— PROVIDED RECORDS —
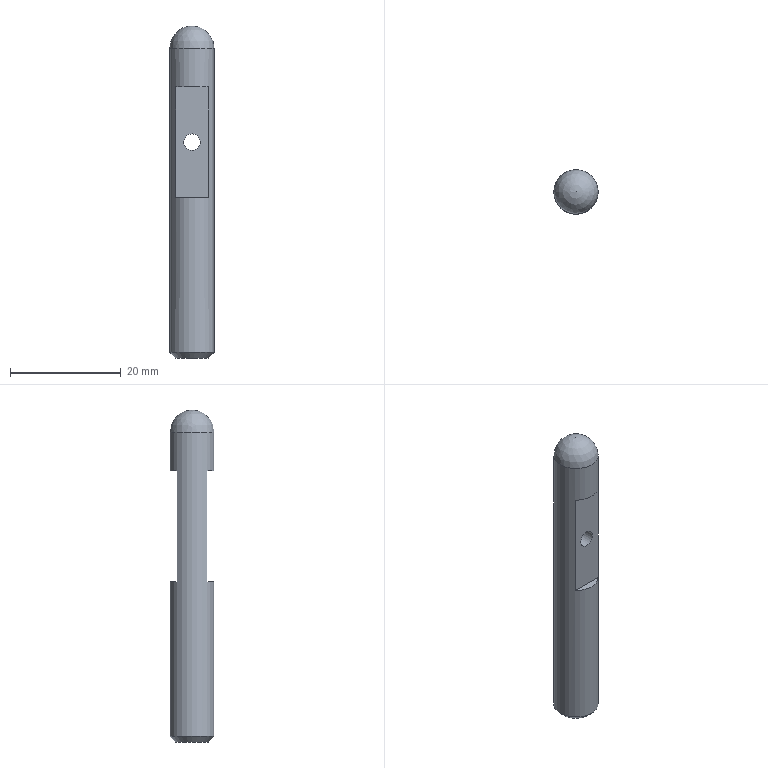Component | NX | ADJ_SUPPORT | 1 solid | 11 faces | box 8 x 8 x 60 mm | volume 2687 mm3 | plane 7 | cylinder 2 | sphere 1 | cone 1 | commonest cylinder face diameters 8 x1 3 x1
STEP:
#1=CARTESIAN_POINT('',(0.,0.,0.));
#2=DIRECTION('',(0.,0.,1.));
#3=DIRECTION('',(1.,0.,0.));
#4=AXIS2_PLACEMENT_3D('',#1,#2,#3);
#5=CARTESIAN_POINT('',(-84.,70.,-253.));
#6=VERTEX_POINT('',#5);
#7=CARTESIAN_POINT('',(-92.,70.,-253.));
#8=VERTEX_POINT('',#7);
#9=CARTESIAN_POINT('',(-88.,70.,-253.));
#10=DIRECTION('',(0.,0.,1.));
#11=DIRECTION('',(1.,0.,0.));
#12=AXIS2_PLACEMENT_3D('',#9,#10,#11);
#13=CIRCLE('',#12,4.);
#14=CARTESIAN_POINT('',(-88.,70.,-254.));
#15=DIRECTION('',(0.,0.,1.));
#16=DIRECTION('',(-1.,0.,0.));
#17=AXIS2_PLACEMENT_3D('',#14,#15,#16);
#18=CYLINDRICAL_SURFACE('',#17,4.);
#19=CARTESIAN_POINT('',(3.142,1.));
#20=DIRECTION('',(1.,0.));
#21=VECTOR('',#20,1.);
#22=LINE('',#19,#21);
#23=(GEOMETRIC_REPRESENTATION_CONTEXT(2)PARAMETRIC_REPRESENTATION_CONTEXT()REPRESENTATION_CONTEXT('',''));
#24=DEFINITIONAL_REPRESENTATION('',(#22),#23);
#25=PCURVE('',#18,#24);
#26=CARTESIAN_POINT('',(-88.,70.,-253.));
#27=DIRECTION('',(0.,0.,1.));
#28=DIRECTION('',(-1.,0.,0.));
#29=AXIS2_PLACEMENT_3D('',#26,#27,#28);
#30=CONICAL_SURFACE('',#29,4.,0.7854);
#31=CARTESIAN_POINT('',(3.142,0.));
#32=DIRECTION('',(1.,0.));
#33=VECTOR('',#32,1.);
#34=LINE('',#31,#33);
#35=(GEOMETRIC_REPRESENTATION_CONTEXT(2)PARAMETRIC_REPRESENTATION_CONTEXT()REPRESENTATION_CONTEXT('',''));
#36=DEFINITIONAL_REPRESENTATION('',(#34),#35);
#37=PCURVE('',#30,#36);
#38=SURFACE_CURVE('',#13,(#25,#37),.PCURVE_S1.);
#39=EDGE_CURVE('',#6,#8,#38,.T.);
#40=ORIENTED_EDGE('',*,*,#39,.T.);
#41=CARTESIAN_POINT('',(-92.,70.,-198.));
#42=VERTEX_POINT('',#41);
#43=CARTESIAN_POINT('',(-92.,70.,-253.));
#44=CARTESIAN_POINT('',(-92.,70.,-198.));
#45=B_SPLINE_CURVE_WITH_KNOTS('',1,(#43,#44),.UNSPECIFIED.,.F.,.F.,(2,2),(1.,56.),.PIECEWISE_BEZIER_KNOTS.);
#46=CARTESIAN_POINT('',(6.283,0.));
#47=DIRECTION('',(0.,1.));
#48=VECTOR('',#47,1.);
#49=LINE('',#46,#48);
#50=(GEOMETRIC_REPRESENTATION_CONTEXT(2)PARAMETRIC_REPRESENTATION_CONTEXT()REPRESENTATION_CONTEXT('',''));
#51=DEFINITIONAL_REPRESENTATION('',(#49),#50);
#52=PCURVE('',#18,#51);
#53=CARTESIAN_POINT('',(0.,0.));
#54=DIRECTION('',(0.,1.));
#55=VECTOR('',#54,1.);
#56=LINE('',#53,#55);
#57=(GEOMETRIC_REPRESENTATION_CONTEXT(2)PARAMETRIC_REPRESENTATION_CONTEXT()REPRESENTATION_CONTEXT('',''));
#58=DEFINITIONAL_REPRESENTATION('',(#56),#57);
#59=PCURVE('',#18,#58);
#60=SEAM_CURVE('',#45,(#52,#59),.PCURVE_S1.);
#61=EDGE_CURVE('',#8,#42,#60,.T.);
#62=ORIENTED_EDGE('',*,*,#61,.T.);
#63=CARTESIAN_POINT('',(-88.,70.,-198.));
#64=DIRECTION('',(0.,0.,-1.));
#65=DIRECTION('',(-1.,0.,0.));
#66=AXIS2_PLACEMENT_3D('',#63,#64,#65);
#67=CIRCLE('',#66,4.);
#68=CARTESIAN_POINT('',(6.283,56.));
#69=DIRECTION('',(-1.,0.));
#70=VECTOR('',#69,1.);
#71=LINE('',#68,#70);
#72=(GEOMETRIC_REPRESENTATION_CONTEXT(2)PARAMETRIC_REPRESENTATION_CONTEXT()REPRESENTATION_CONTEXT('',''));
#73=DEFINITIONAL_REPRESENTATION('',(#71),#72);
#74=PCURVE('',#18,#73);
#75=CARTESIAN_POINT('',(-88.,70.,-198.));
#76=DIRECTION('',(0.,0.,1.));
#77=DIRECTION('',(-1.,0.,0.));
#78=AXIS2_PLACEMENT_3D('',#75,#76,#77);
#79=SPHERICAL_SURFACE('',#78,4.);
#80=CARTESIAN_POINT('',(6.283,0.));
#81=CARTESIAN_POINT('',(6.188,0.));
#82=CARTESIAN_POINT('',(5.998,0.));
#83=CARTESIAN_POINT('',(5.712,0.));
#84=CARTESIAN_POINT('',(5.426,0.));
#85=CARTESIAN_POINT('',(5.141,0.));
#86=CARTESIAN_POINT('',(4.855,0.));
#87=CARTESIAN_POINT('',(4.57,0.));
#88=CARTESIAN_POINT('',(4.284,0.));
#89=CARTESIAN_POINT('',(3.998,0.));
#90=CARTESIAN_POINT('',(3.713,0.));
#91=CARTESIAN_POINT('',(3.427,0.));
#92=CARTESIAN_POINT('',(3.142,0.));
#93=CARTESIAN_POINT('',(2.856,0.));
#94=CARTESIAN_POINT('',(2.57,0.));
#95=CARTESIAN_POINT('',(2.285,0.));
#96=CARTESIAN_POINT('',(1.999,0.));
#97=CARTESIAN_POINT('',(1.714,0.));
#98=CARTESIAN_POINT('',(1.428,0.));
#99=CARTESIAN_POINT('',(1.142,0.));
#100=CARTESIAN_POINT('',(0.8568,0.));
#101=CARTESIAN_POINT('',(0.5712,0.));
#102=CARTESIAN_POINT('',(0.2856,0.));
#103=CARTESIAN_POINT('',(0.0952,0.));
#104=CARTESIAN_POINT('',(0.,0.));
#105=B_SPLINE_CURVE_WITH_KNOTS('',3,(#80,#81,#82,#83,#84,#85,#86,#87,#88,#89,#90,#91,#92,#93,#94,#95,#96,#97,#98,#99,#100,#101,#102,#103,#104),.UNSPECIFIED.,.F.,.F.,(4,1,1,1,1,1,1,1,1,1,1,1,1,1,1,1,1,1,1,1,1,1,4),(0.,0.2856,0.5712,0.8568,1.142,1.428,1.714,1.999,2.285,2.57,2.856,3.142,3.427,3.713,3.998,4.284,4.57,4.855,5.141,5.426,5.712,5.998,6.283),.QUASI_UNIFORM_KNOTS.);
#106=(GEOMETRIC_REPRESENTATION_CONTEXT(2)PARAMETRIC_REPRESENTATION_CONTEXT()REPRESENTATION_CONTEXT('',''));
#107=DEFINITIONAL_REPRESENTATION('',(#105),#106);
#108=PCURVE('',#79,#107);
#109=SURFACE_CURVE('',#67,(#74,#108),.PCURVE_S1.);
#110=EDGE_CURVE('',#42,#42,#109,.T.);
#111=ORIENTED_EDGE('',*,*,#110,.T.);
#112=ORIENTED_EDGE('',*,*,#61,.F.);
#113=CARTESIAN_POINT('',(-88.,70.,-253.));
#114=DIRECTION('',(0.,0.,1.));
#115=DIRECTION('',(1.,0.,0.));
#116=AXIS2_PLACEMENT_3D('',#113,#114,#115);
#117=CIRCLE('',#116,4.);
#118=CARTESIAN_POINT('',(-3.142,1.));
#119=DIRECTION('',(1.,0.));
#120=VECTOR('',#119,1.);
#121=LINE('',#118,#120);
#122=(GEOMETRIC_REPRESENTATION_CONTEXT(2)PARAMETRIC_REPRESENTATION_CONTEXT()REPRESENTATION_CONTEXT('',''));
#123=DEFINITIONAL_REPRESENTATION('',(#121),#122);
#124=PCURVE('',#18,#123);
#125=CARTESIAN_POINT('',(3.142,0.));
#126=DIRECTION('',(1.,0.));
#127=VECTOR('',#126,1.);
#128=LINE('',#125,#127);
#129=(GEOMETRIC_REPRESENTATION_CONTEXT(2)PARAMETRIC_REPRESENTATION_CONTEXT()REPRESENTATION_CONTEXT('',''));
#130=DEFINITIONAL_REPRESENTATION('',(#128),#129);
#131=PCURVE('',#30,#130);
#132=SURFACE_CURVE('',#117,(#124,#131),.PCURVE_S1.);
#133=EDGE_CURVE('',#8,#6,#132,.T.);
#134=ORIENTED_EDGE('',*,*,#133,.T.);
#135=EDGE_LOOP('',(#40,#62,#111,#112,#134));
#136=FACE_BOUND('',#135,.T.);
#137=CARTESIAN_POINT('',(-85.049,67.3,-205.));
#138=VERTEX_POINT('',#137);
#139=CARTESIAN_POINT('',(-85.049,67.3,-225.));
#140=VERTEX_POINT('',#139);
#141=CARTESIAN_POINT('',(-85.049,67.3,-254.));
#142=DIRECTION('',(0.,0.,-1.));
#143=VECTOR('',#142,1.);
#144=LINE('',#141,#143);
#145=CARTESIAN_POINT('',(2.401,0.));
#146=DIRECTION('',(0.,-1.));
#147=VECTOR('',#146,1.);
#148=LINE('',#145,#147);
#149=(GEOMETRIC_REPRESENTATION_CONTEXT(2)PARAMETRIC_REPRESENTATION_CONTEXT()REPRESENTATION_CONTEXT('',''));
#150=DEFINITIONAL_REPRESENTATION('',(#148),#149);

— ASSIGNED TASK —
Among the records above, repeat exactly the line with "#37=PCURVE('',#30,#36);", the line with "#67=CIRCLE('',#66,4.);", and every line in between, and only those.

— SOLUTION TO THIS EXERCISE —
#37=PCURVE('',#30,#36);
#38=SURFACE_CURVE('',#13,(#25,#37),.PCURVE_S1.);
#39=EDGE_CURVE('',#6,#8,#38,.T.);
#40=ORIENTED_EDGE('',*,*,#39,.T.);
#41=CARTESIAN_POINT('',(-92.,70.,-198.));
#42=VERTEX_POINT('',#41);
#43=CARTESIAN_POINT('',(-92.,70.,-253.));
#44=CARTESIAN_POINT('',(-92.,70.,-198.));
#45=B_SPLINE_CURVE_WITH_KNOTS('',1,(#43,#44),.UNSPECIFIED.,.F.,.F.,(2,2),(1.,56.),.PIECEWISE_BEZIER_KNOTS.);
#46=CARTESIAN_POINT('',(6.283,0.));
#47=DIRECTION('',(0.,1.));
#48=VECTOR('',#47,1.);
#49=LINE('',#46,#48);
#50=(GEOMETRIC_REPRESENTATION_CONTEXT(2)PARAMETRIC_REPRESENTATION_CONTEXT()REPRESENTATION_CONTEXT('',''));
#51=DEFINITIONAL_REPRESENTATION('',(#49),#50);
#52=PCURVE('',#18,#51);
#53=CARTESIAN_POINT('',(0.,0.));
#54=DIRECTION('',(0.,1.));
#55=VECTOR('',#54,1.);
#56=LINE('',#53,#55);
#57=(GEOMETRIC_REPRESENTATION_CONTEXT(2)PARAMETRIC_REPRESENTATION_CONTEXT()REPRESENTATION_CONTEXT('',''));
#58=DEFINITIONAL_REPRESENTATION('',(#56),#57);
#59=PCURVE('',#18,#58);
#60=SEAM_CURVE('',#45,(#52,#59),.PCURVE_S1.);
#61=EDGE_CURVE('',#8,#42,#60,.T.);
#62=ORIENTED_EDGE('',*,*,#61,.T.);
#63=CARTESIAN_POINT('',(-88.,70.,-198.));
#64=DIRECTION('',(0.,0.,-1.));
#65=DIRECTION('',(-1.,0.,0.));
#66=AXIS2_PLACEMENT_3D('',#63,#64,#65);
#67=CIRCLE('',#66,4.);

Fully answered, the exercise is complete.